### Exercise details
Scan the entries below for "IfcOpeningElement" and copy each line that holds it.

Items from a data source:
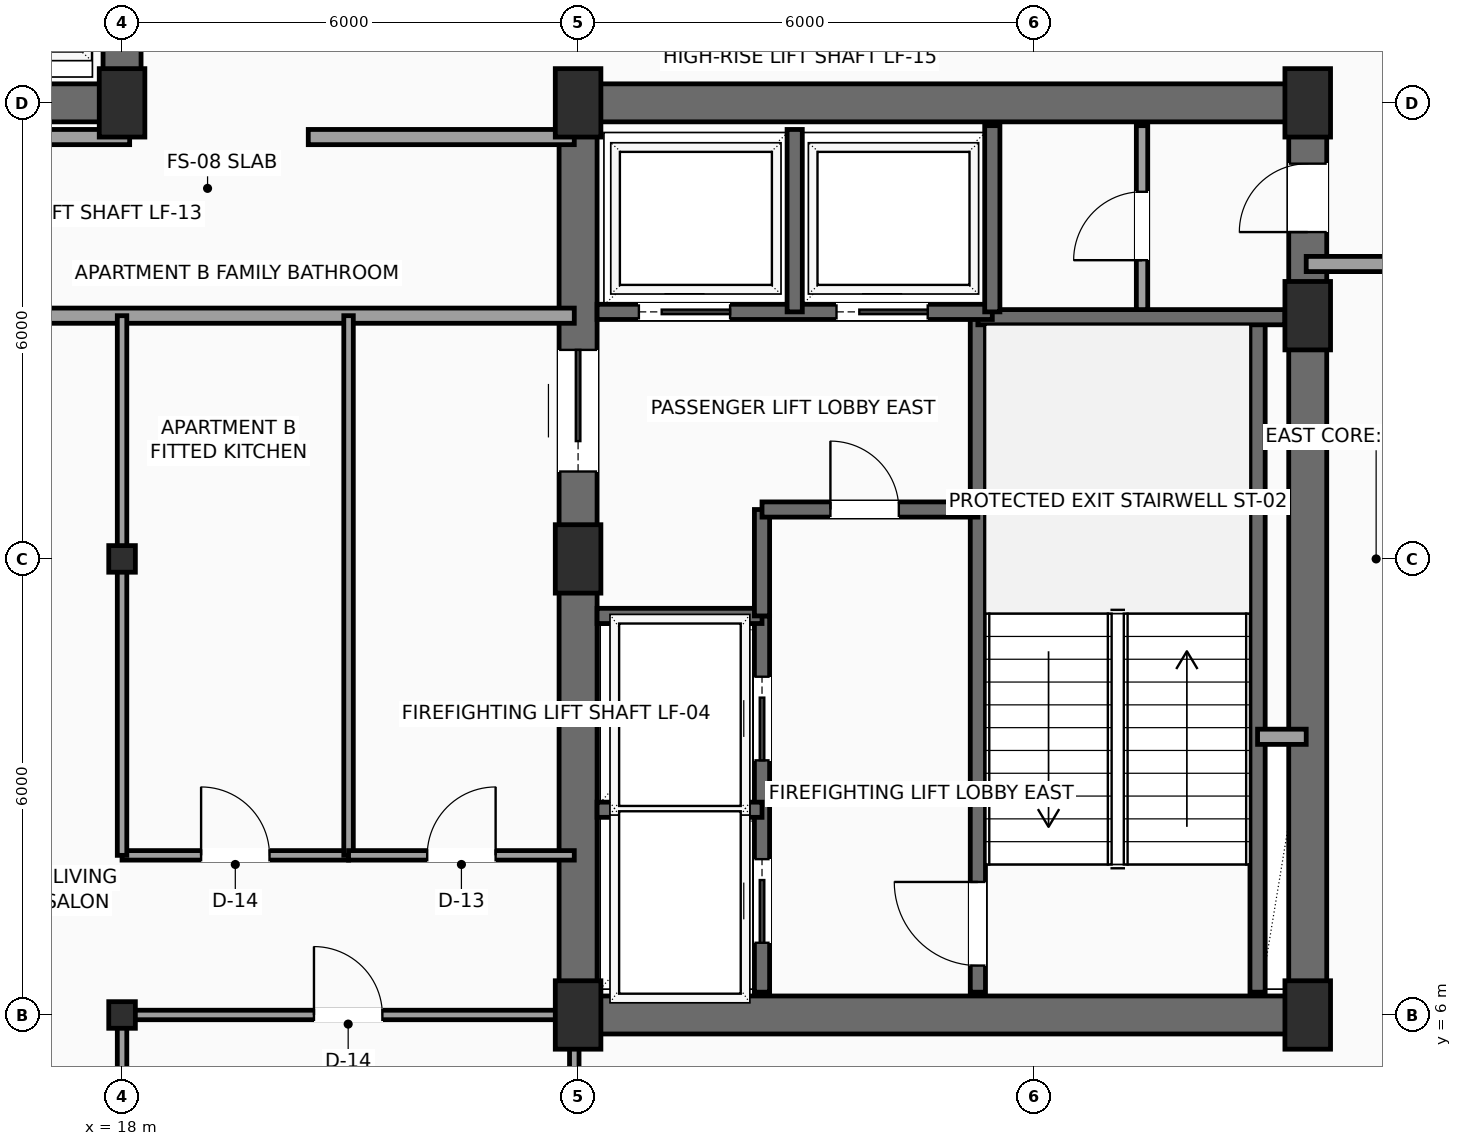
"""IFC4 building model, lengths in metres.
Left out: names, types, materials, properties, quantities, classifications, styles, units other than length and angle.
Written with IfcOpenShell. Run it as: python <this file> out.ifc"""

import sys

from ifc_helpers import new_model, si_unit, direction, frame, frame_2d, origin, origin_2d, place, context, subcontext, project, spatial, rectangle, hollow_rectangle, extrude, element, fill, save


model = new_model("IFC4")
c1 = context("Model", 3, precision=1e-05, world=origin(), true_north=direction((0.0, 1.0)))
c2 = subcontext(c1, "Body", "Model", "MODEL_VIEW")
j1 = project(units=[si_unit("LENGTHUNIT", "METRE"), si_unit("PLANEANGLEUNIT", "RADIAN")], contexts=[c1])
p1 = place(None, origin())
s1 = spatial("IfcSite", under=j1, at=p1, CompositionType="ELEMENT")
p2 = place(p1, origin())
s2 = spatial("IfcBuilding", under=s1, at=p2, CompositionType="ELEMENT")
p3 = place(p2, frame((0.0, 0.0, 253.7)))
s3 = spatial("IfcBuildingStorey", under=s2, at=p3, CompositionType="ELEMENT", Elevation=253.7)
for number, where, z_axis, x_axis in (
    (1, (18.0, 18.0, 0.0), (0.0, 0.0, 1.0), (1.0, 0.0, 0.0)),
    (2, (24.0, 6.0, 0.0), (0.0, 0.0, 1.0), (1.0, 0.0, 0.0)),
    (3, (24.0, 12.0, 0.0), (0.0, 0.0, 1.0), (1.0, 0.0, 0.0)),
    (4, (24.0, 18.0, 0.0), (0.0, 0.0, 1.0), (1.0, 0.0, 0.0)),
    (5, (33.6, 6.0, 0.0), (0.0, 0.0, 1.0), (1.0, 0.0, 0.0)),
    (6, (33.6, 15.2, 0.0), (0.0, 0.0, 1.0), (1.0, 0.0, 0.0)),
    (7, (33.6, 18.0, 0.0), (0.0, 0.0, 1.0), (1.0, 0.0, 0.0)),
):
    element("IfcColumn", number, at=place(p3, frame(where, z_axis=z_axis, x_axis=x_axis)), inside=s3, PredefinedType="COLUMN", context=c2, shape_type="SweptSolid", body=[
        extrude(rectangle(XDim=0.6, YDim=0.9, at=origin_2d()), origin(), (0.0, 0.0, 1.0), 3.5),
    ])
for number, where, z_axis, x_axis in (
    (8, (18.0, 6.0, 0.0), (0.0, 0.0, 1.0), (1.0, 0.0, 0.0)),
    (9, (18.0, 12.0, 0.0), (0.0, 0.0, 1.0), (1.0, 0.0, 0.0)),
):
    element("IfcColumn", number, at=place(p3, frame(where, z_axis=z_axis, x_axis=x_axis)), inside=s3, PredefinedType="COLUMN", context=c2, shape_type="SweptSolid", body=[
        extrude(hollow_rectangle(XDim=0.35, YDim=0.35, WallThickness=0.016, InnerFilletRadius=0.016, OuterFilletRadius=0.032, at=origin_2d()), origin(), (0.0, 0.0, 1.0), 3.5),
    ])
p4 = place(p3, frame((6.0, 18.0, 0.0), z_axis=(0.0, 0.0, 1.0), x_axis=(1.0, 0.0, 0.0)))
e10 = element("IfcWall", 10, at=p4, inside=s3, PredefinedType="SHEAR", context=c2, shape_type="SweptSolid", body=[
    extrude(rectangle(XDim=12.0, YDim=0.5, at=frame_2d((6.0, 0.0))), origin(), (0.0, 0.0, 1.0), 3.3),
])
p5 = place(p4, frame((7.15, 0.0, 0.0)))
e11 = element("IfcOpeningElement", 11, at=p5, cuts=e10, PredefinedType="OPENING", context=c2, shape_type="SweptSolid", body=[
    extrude(rectangle(XDim=1.6, YDim=2.3, at=frame_2d((0.8, 1.15))), frame((0.0, 0.26, 0.0), z_axis=(0.0, -1.0, 0.0), x_axis=(1.0, 0.0, 0.0)), (0.0, 0.0, 1.0), 0.52),
])
for number, where, z_axis, x_axis in (
    (12, (18.0, 18.0, 0.0), (0.0, 0.0, 1.0), (0.0, 1.0, 0.0)),
    (13, (24.0, 6.0, 0.0), (0.0, 0.0, 1.0), (1.0, 0.0, 0.0)),
    (14, (24.0, 18.0, 0.0), (0.0, 0.0, 1.0), (1.0, 0.0, 0.0)),
):
    element("IfcWall", number, at=place(p3, frame(where, z_axis=z_axis, x_axis=x_axis)), inside=s3, PredefinedType="SHEAR", context=c2, shape_type="SweptSolid", body=[
        extrude(rectangle(XDim=9.6, YDim=0.5, at=frame_2d((4.8, 0.0))), origin(), (0.0, 0.0, 1.0), 3.3),
    ])
p6 = place(p3, frame((24.0, 6.0, 0.0), z_axis=(0.0, 0.0, 1.0), x_axis=(0.0, 1.0, 0.0)))
e15 = element("IfcWall", 15, at=p6, inside=s3, PredefinedType="SHEAR", context=c2, shape_type="SweptSolid", body=[
    extrude(rectangle(XDim=12.0, YDim=0.5, at=frame_2d((6.0, 0.0))), origin(), (0.0, 0.0, 1.0), 3.3),
])
p7 = place(p6, frame((7.15, 0.0, 0.0)))
e16 = element("IfcOpeningElement", 16, at=p7, cuts=e15, PredefinedType="OPENING", context=c2, shape_type="SweptSolid", body=[
    extrude(rectangle(XDim=1.6, YDim=2.3, at=frame_2d((0.8, 1.15))), frame((0.0, 0.26, 0.0), z_axis=(0.0, -1.0, 0.0), x_axis=(1.0, 0.0, 0.0)), (0.0, 0.0, 1.0), 0.52),
])
p8 = place(p3, frame((33.6, 6.0, 0.0), z_axis=(0.0, 0.0, 1.0), x_axis=(0.0, 1.0, 0.0)))
e17 = element("IfcWall", 17, at=p8, inside=s3, PredefinedType="SHEAR", context=c2, shape_type="SweptSolid", body=[
    extrude(rectangle(XDim=12.0, YDim=0.5, at=frame_2d((6.0, 0.0))), origin(), (0.0, 0.0, 1.0), 3.3),
])
p9 = place(p8, frame((10.3, 0.0, 0.0)))
e18 = element("IfcOpeningElement", 18, at=p9, cuts=e17, PredefinedType="OPENING", context=c2, shape_type="SweptSolid", body=[
    extrude(rectangle(XDim=0.9, YDim=2.15, at=frame_2d((0.45, 1.075))), frame((0.0, 0.26, 0.0), z_axis=(0.0, -1.0, 0.0), x_axis=(1.0, 0.0, 0.0)), (0.0, 0.0, 1.0), 0.52),
])
p10 = place(p3, frame((29.26, 6.3, 0.0), z_axis=(0.0, 0.0, 1.0), x_axis=(0.0, 1.0, 0.0)))
e19 = element("IfcWall", 19, at=p10, inside=s3, PredefinedType="SHEAR", context=c2, shape_type="SweptSolid", body=[
    extrude(rectangle(XDim=8.88, YDim=0.2, at=frame_2d((4.44, 0.0))), origin(), (0.0, 0.0, 1.0), 3.3),
])
p11 = place(p10, frame((0.35, 0.0, 0.0)))
e20 = element("IfcOpeningElement", 20, at=p11, cuts=e19, PredefinedType="OPENING", context=c2, shape_type="SweptSolid", body=[
    extrude(rectangle(XDim=1.1, YDim=2.2, at=frame_2d((0.55, 1.1))), frame((0.0, 0.11, 0.0), z_axis=(0.0, -1.0, 0.0), x_axis=(1.0, 0.0, 0.0)), (0.0, 0.0, 1.0), 0.22),
])
p12 = place(p3, frame((32.94, 6.3, 0.0), z_axis=(0.0, 0.0, 1.0), x_axis=(0.0, 1.0, 0.0)))
e21 = element("IfcWall", 21, at=p12, inside=s3, PredefinedType="SHEAR", context=c2, shape_type="SweptSolid", body=[
    extrude(rectangle(XDim=8.88, YDim=0.2, at=frame_2d((4.44, 0.0))), origin(), (0.0, 0.0, 1.0), 3.3),
])
p13 = place(p3, frame((29.26, 15.18, 0.0), z_axis=(0.0, 0.0, 1.0), x_axis=(1.0, 0.0, 0.0)))
e22 = element("IfcWall", 22, at=p13, inside=s3, PredefinedType="SHEAR", context=c2, shape_type="SweptSolid", body=[
    extrude(rectangle(XDim=4.04, YDim=0.2, at=frame_2d((2.02, 0.0))), origin(), (0.0, 0.0, 1.0), 3.3),
])
p14 = place(p3, frame((26.42, 6.3, 0.0), z_axis=(0.0, 0.0, 1.0), x_axis=(0.0, 1.0, 0.0)))
e23 = element("IfcWall", 23, at=p14, inside=s3, PredefinedType="SHEAR", context=c2, shape_type="SweptSolid", body=[
    extrude(rectangle(XDim=4.95, YDim=0.2, at=frame_2d((2.475, 0.0))), origin(), (0.0, 0.0, 1.0), 3.3),
])
p15 = place(p14, frame((0.65, 0.0, 0.0)))
e24 = element("IfcOpeningElement", 24, at=p15, cuts=e23, PredefinedType="OPENING", context=c2, shape_type="SweptSolid", body=[
    extrude(rectangle(XDim=1.1, YDim=2.2, at=frame_2d((0.55, 1.1))), frame((0.0, 0.11, 0.0), z_axis=(0.0, -1.0, 0.0), x_axis=(1.0, 0.0, 0.0)), (0.0, 0.0, 1.0), 0.22),
])
p16 = place(p14, frame((3.05, 0.0, 0.0)))
e25 = element("IfcOpeningElement", 25, at=p16, cuts=e23, PredefinedType="OPENING", context=c2, shape_type="SweptSolid", body=[
    extrude(rectangle(XDim=1.1, YDim=2.2, at=frame_2d((0.55, 1.1))), frame((0.0, 0.11, 0.0), z_axis=(0.0, -1.0, 0.0), x_axis=(1.0, 0.0, 0.0)), (0.0, 0.0, 1.0), 0.22),
])
for number, where, z_axis, x_axis in (
    (26, (24.25, 8.7, 0.0), (0.0, 0.0, 1.0), (1.0, 0.0, 0.0)),
    (27, (24.25, 11.25, 0.0), (0.0, 0.0, 1.0), (1.0, 0.0, 0.0)),
):
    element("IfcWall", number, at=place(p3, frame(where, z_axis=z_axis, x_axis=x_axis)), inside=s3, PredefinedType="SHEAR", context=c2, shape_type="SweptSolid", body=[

### Result of this task
e11 = element("IfcOpeningElement", 11, at=p5, cuts=e10, PredefinedType="OPENING", context=c2, shape_type="SweptSolid", body=[
e16 = element("IfcOpeningElement", 16, at=p7, cuts=e15, PredefinedType="OPENING", context=c2, shape_type="SweptSolid", body=[
e18 = element("IfcOpeningElement", 18, at=p9, cuts=e17, PredefinedType="OPENING", context=c2, shape_type="SweptSolid", body=[
e20 = element("IfcOpeningElement", 20, at=p11, cuts=e19, PredefinedType="OPENING", context=c2, shape_type="SweptSolid", body=[
e24 = element("IfcOpeningElement", 24, at=p15, cuts=e23, PredefinedType="OPENING", context=c2, shape_type="SweptSolid", body=[
e25 = element("IfcOpeningElement", 25, at=p16, cuts=e23, PredefinedType="OPENING", context=c2, shape_type="SweptSolid", body=[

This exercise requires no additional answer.